§ **EXERCISE BRIEF**
What is the number of lines in the records that contain "CompositionType"? Give only that number.

Stored data
-- Opening Marker --

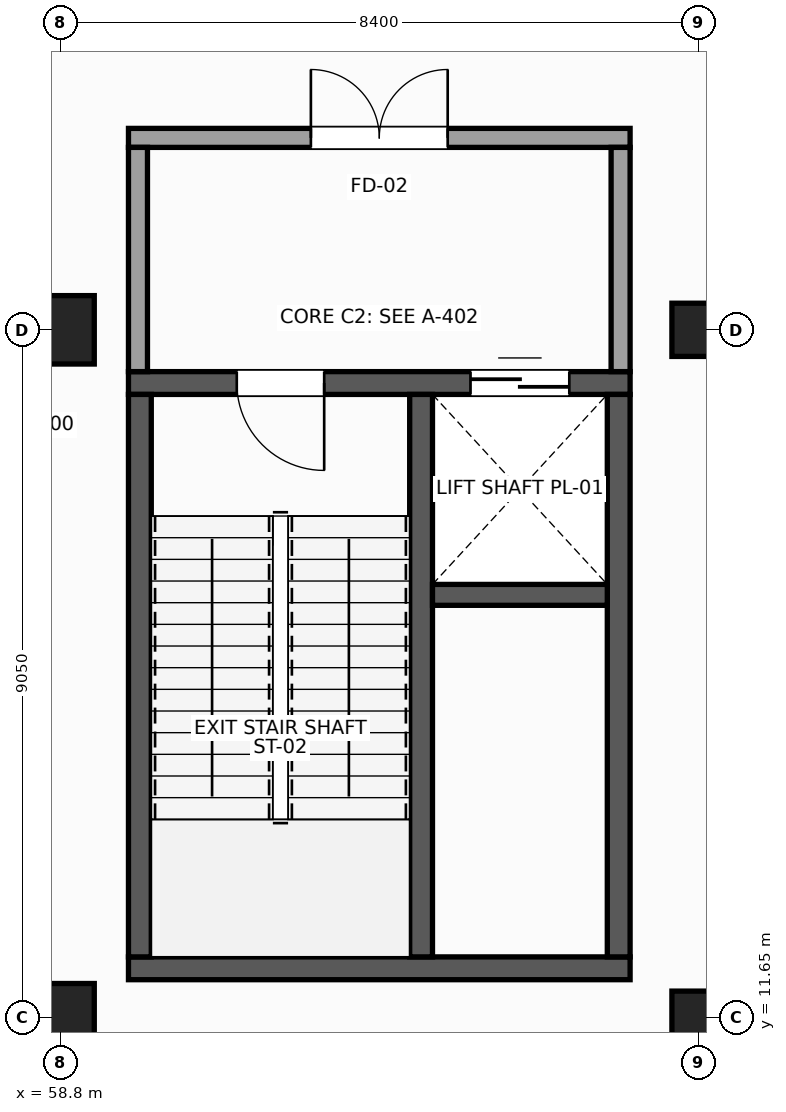
"""IFC4 building model, lengths in metres.
Left out: names, types, materials, properties, quantities, classifications, styles, units other than length and angle.
Written with IfcOpenShell. Run it as: python <this file> out.ifc"""

import sys

from ifc_helpers import new_model, si_unit, direction, frame, frame_2d, origin, origin_2d, place, context, subcontext, project, spatial, rectangle, extrude, element, fill, save


model = new_model("IFC4")
c1 = context("Model", 3, precision=1e-05, world=origin(), true_north=direction((0.0, 1.0)))
c2 = subcontext(c1, "Body", "Model", "MODEL_VIEW")
j1 = project(units=[si_unit("LENGTHUNIT", "METRE"), si_unit("PLANEANGLEUNIT", "RADIAN")], contexts=[c1])
p1 = place(None, origin())
s1 = spatial("IfcSite", under=j1, at=p1, CompositionType="ELEMENT")
p2 = place(p1, origin())
s2 = spatial("IfcBuilding", under=s1, at=p2, CompositionType="ELEMENT")
p3 = place(p2, frame((0.0, 0.0, 5.4)))
s3 = spatial("IfcBuildingStorey", under=s2, at=p3, CompositionType="ELEMENT", Elevation=5.4)
for number, where, z_axis, x_axis in (
    (1, (58.8, 11.65, 0.0), (0.0, 0.0, 1.0), (1.0, 0.0, 0.0)),
    (2, (58.8, 20.7, 0.0), (0.0, 0.0, 1.0), (1.0, 0.0, 0.0)),
):
    element("IfcColumn", number, at=place(p3, frame(where, z_axis=z_axis, x_axis=x_axis)), inside=s3, PredefinedType="COLUMN", context=c2, shape_type="SweptSolid", body=[
        extrude(rectangle(XDim=0.9, YDim=0.9, at=origin_2d()), origin(), (0.0, 0.0, 1.0), 5.4),
    ])
for number, where, z_axis, x_axis in (
    (3, (67.2, 11.65, 0.0), (0.0, 0.0, 1.0), (1.0, 0.0, 0.0)),
    (4, (67.2, 20.7, 0.0), (0.0, 0.0, 1.0), (1.0, 0.0, 0.0)),
):
    element("IfcColumn", number, at=place(p3, frame(where, z_axis=z_axis, x_axis=x_axis)), inside=s3, PredefinedType="COLUMN", context=c2, shape_type="SweptSolid", body=[
        extrude(rectangle(XDim=0.7, YDim=0.7, at=origin_2d()), origin(), (0.0, 0.0, 1.0), 5.4),
    ])
p4 = place(p3, frame((59.7, 12.3, 0.0), z_axis=(0.0, 0.0, 1.0), x_axis=(1.0, 0.0, 0.0)))
e5 = element("IfcWall", 5, at=p4, inside=s3, PredefinedType="SHEAR", context=c2, shape_type="SweptSolid", body=[
    extrude(rectangle(XDim=6.6, YDim=0.3, at=frame_2d((3.3, 0.0))), origin(), (0.0, 0.0, 1.0), 5.1),
])
p5 = place(p3, frame((59.7, 20.0, 0.0), z_axis=(0.0, 0.0, 1.0), x_axis=(1.0, 0.0, 0.0)))
e6 = element("IfcWall", 6, at=p5, inside=s3, PredefinedType="SHEAR", context=c2, shape_type="SweptSolid", body=[
    extrude(rectangle(XDim=6.6, YDim=0.3, at=frame_2d((3.3, 0.0))), origin(), (0.0, 0.0, 1.0), 5.1),
])
p6 = place(p5, frame((1.425, 0.0, 0.0)))
e7 = element("IfcOpeningElement", 7, at=p6, cuts=e6, PredefinedType="OPENING", context=c2, shape_type="SweptSolid", body=[
    extrude(rectangle(XDim=1.15, YDim=2.2, at=frame_2d((0.575, 1.1))), frame((0.0, 0.16, 0.0), z_axis=(0.0, -1.0, 0.0), x_axis=(1.0, 0.0, 0.0)), (0.0, 0.0, 1.0), 0.32),
])
p7 = place(p5, frame((4.5, 0.0, 0.0)))
e8 = element("IfcOpeningElement", 8, at=p7, cuts=e6, PredefinedType="OPENING", context=c2, shape_type="SweptSolid", body=[
    extrude(rectangle(XDim=1.3, YDim=2.2, at=frame_2d((0.65, 1.1))), frame((0.0, 0.16, 0.0), z_axis=(0.0, -1.0, 0.0), x_axis=(1.0, 0.0, 0.0)), (0.0, 0.0, 1.0), 0.32),
])
for number, where, z_axis, x_axis in (
    (9, (59.85, 12.45, 0.0), (0.0, 0.0, 1.0), (0.0, 1.0, 0.0)),
    (10, (66.15, 12.45, 0.0), (0.0, 0.0, 1.0), (0.0, 1.0, 0.0)),
    (11, (63.55, 12.45, 0.0), (0.0, 0.0, 1.0), (0.0, 1.0, 0.0)),
):
    element("IfcWall", number, at=place(p3, frame(where, z_axis=z_axis, x_axis=x_axis)), inside=s3, PredefinedType="SHEAR", context=c2, shape_type="SweptSolid", body=[
        extrude(rectangle(XDim=7.4, YDim=0.3, at=frame_2d((3.7, 0.0))), origin(), (0.0, 0.0, 1.0), 5.1),
    ])
p8 = place(p3, frame((63.7, 17.213, 0.0), z_axis=(0.0, 0.0, 1.0), x_axis=(1.0, 0.0, 0.0)))
e12 = element("IfcWall", 12, at=p8, inside=s3, PredefinedType="SHEAR", context=c2, shape_type="SweptSolid", body=[
    extrude(rectangle(XDim=2.3, YDim=0.275, at=frame_2d((1.15, 0.0))), origin(), (0.0, 0.0, 1.0), 5.1),
])
p9 = place(p3, frame((59.7, 23.225, 0.0), z_axis=(0.0, 0.0, 1.0), x_axis=(1.0, 0.0, 0.0)))
e13 = element("IfcWall", 13, at=p9, inside=s3, PredefinedType="PARTITIONING", context=c2, shape_type="SweptSolid", body=[
    extrude(rectangle(XDim=6.6, YDim=0.25, at=frame_2d((3.3, 0.0))), origin(), (0.0, 0.0, 1.0), 5.1),
])
p10 = place(p9, frame((2.4, 0.0, 0.0)))
e14 = element("IfcOpeningElement", 14, at=p10, cuts=e13, PredefinedType="OPENING", context=c2, shape_type="SweptSolid", body=[
    extrude(rectangle(XDim=1.8, YDim=2.25, at=frame_2d((0.9, 1.125))), frame((0.0, 0.135, 0.0), z_axis=(0.0, -1.0, 0.0), x_axis=(1.0, 0.0, 0.0)), (0.0, 0.0, 1.0), 0.27),
])
for number, where, z_axis, x_axis in (
    (15, (59.825, 20.15, 0.0), (0.0, 0.0, 1.0), (0.0, 1.0, 0.0)),
    (16, (66.175, 20.15, 0.0), (0.0, 0.0, 1.0), (0.0, 1.0, 0.0)),
):
    element("IfcWall", number, at=place(p3, frame(where, z_axis=z_axis, x_axis=x_axis)), inside=s3, PredefinedType="PARTITIONING", context=c2, shape_type="SweptSolid", body=[
        extrude(rectangle(XDim=2.95, YDim=0.25, at=frame_2d((1.475, 0.0))), origin(), (0.0, 0.0, 1.0), 4.33),
    ])
p11 = place(p6, frame((1.15, 0.0, 0.0), z_axis=(0.0, 0.0, 1.0), x_axis=(-1.0, 0.0, 0.0)))
e17 = element("IfcDoor", 17, at=p11, inside=s3, OperationType="SINGLE_SWING_LEFT", PredefinedType="DOOR", context=c2, shape_type="SweptSolid", body=[
    extrude(rectangle(XDim=1.15, YDim=2.2, at=frame_2d((0.575, 1.1))), frame((0.0, 0.025, 0.0), z_axis=(0.0, -1.0, 0.0), x_axis=(1.0, 0.0, 0.0)), (0.0, 0.0, 1.0), 0.05),
])
fill(e7, e17)
p12 = place(p7, origin())
e18 = element("IfcDoor", 18, at=p12, inside=s3, OperationType="DOUBLE_DOOR_SLIDING", PredefinedType="DOOR", context=c2, shape_type="SweptSolid", body=[
    extrude(rectangle(XDim=1.3, YDim=2.2, at=frame_2d((0.65, 1.1))), frame((0.0, 0.025, 0.0), z_axis=(0.0, -1.0, 0.0), x_axis=(1.0, 0.0, 0.0)), (0.0, 0.0, 1.0), 0.05),
])
fill(e8, e18)
p13 = place(p10, origin())
e19 = element("IfcDoor", 19, at=p13, inside=s3, OperationType="DOUBLE_DOOR_SINGLE_SWING", PredefinedType="DOOR", context=c2, shape_type="SweptSolid", body=[
    extrude(rectangle(XDim=1.8, YDim=2.25, at=frame_2d((0.9, 1.125))), frame((0.0, 0.025, 0.0), z_axis=(0.0, -1.0, 0.0), x_axis=(1.0, 0.0, 0.0)), (0.0, 0.0, 1.0), 0.05),
])
fill(e14, e19)
save(model, sys.argv[1])

-- Closing Marker --

§ **YOUR SOLUTION**
3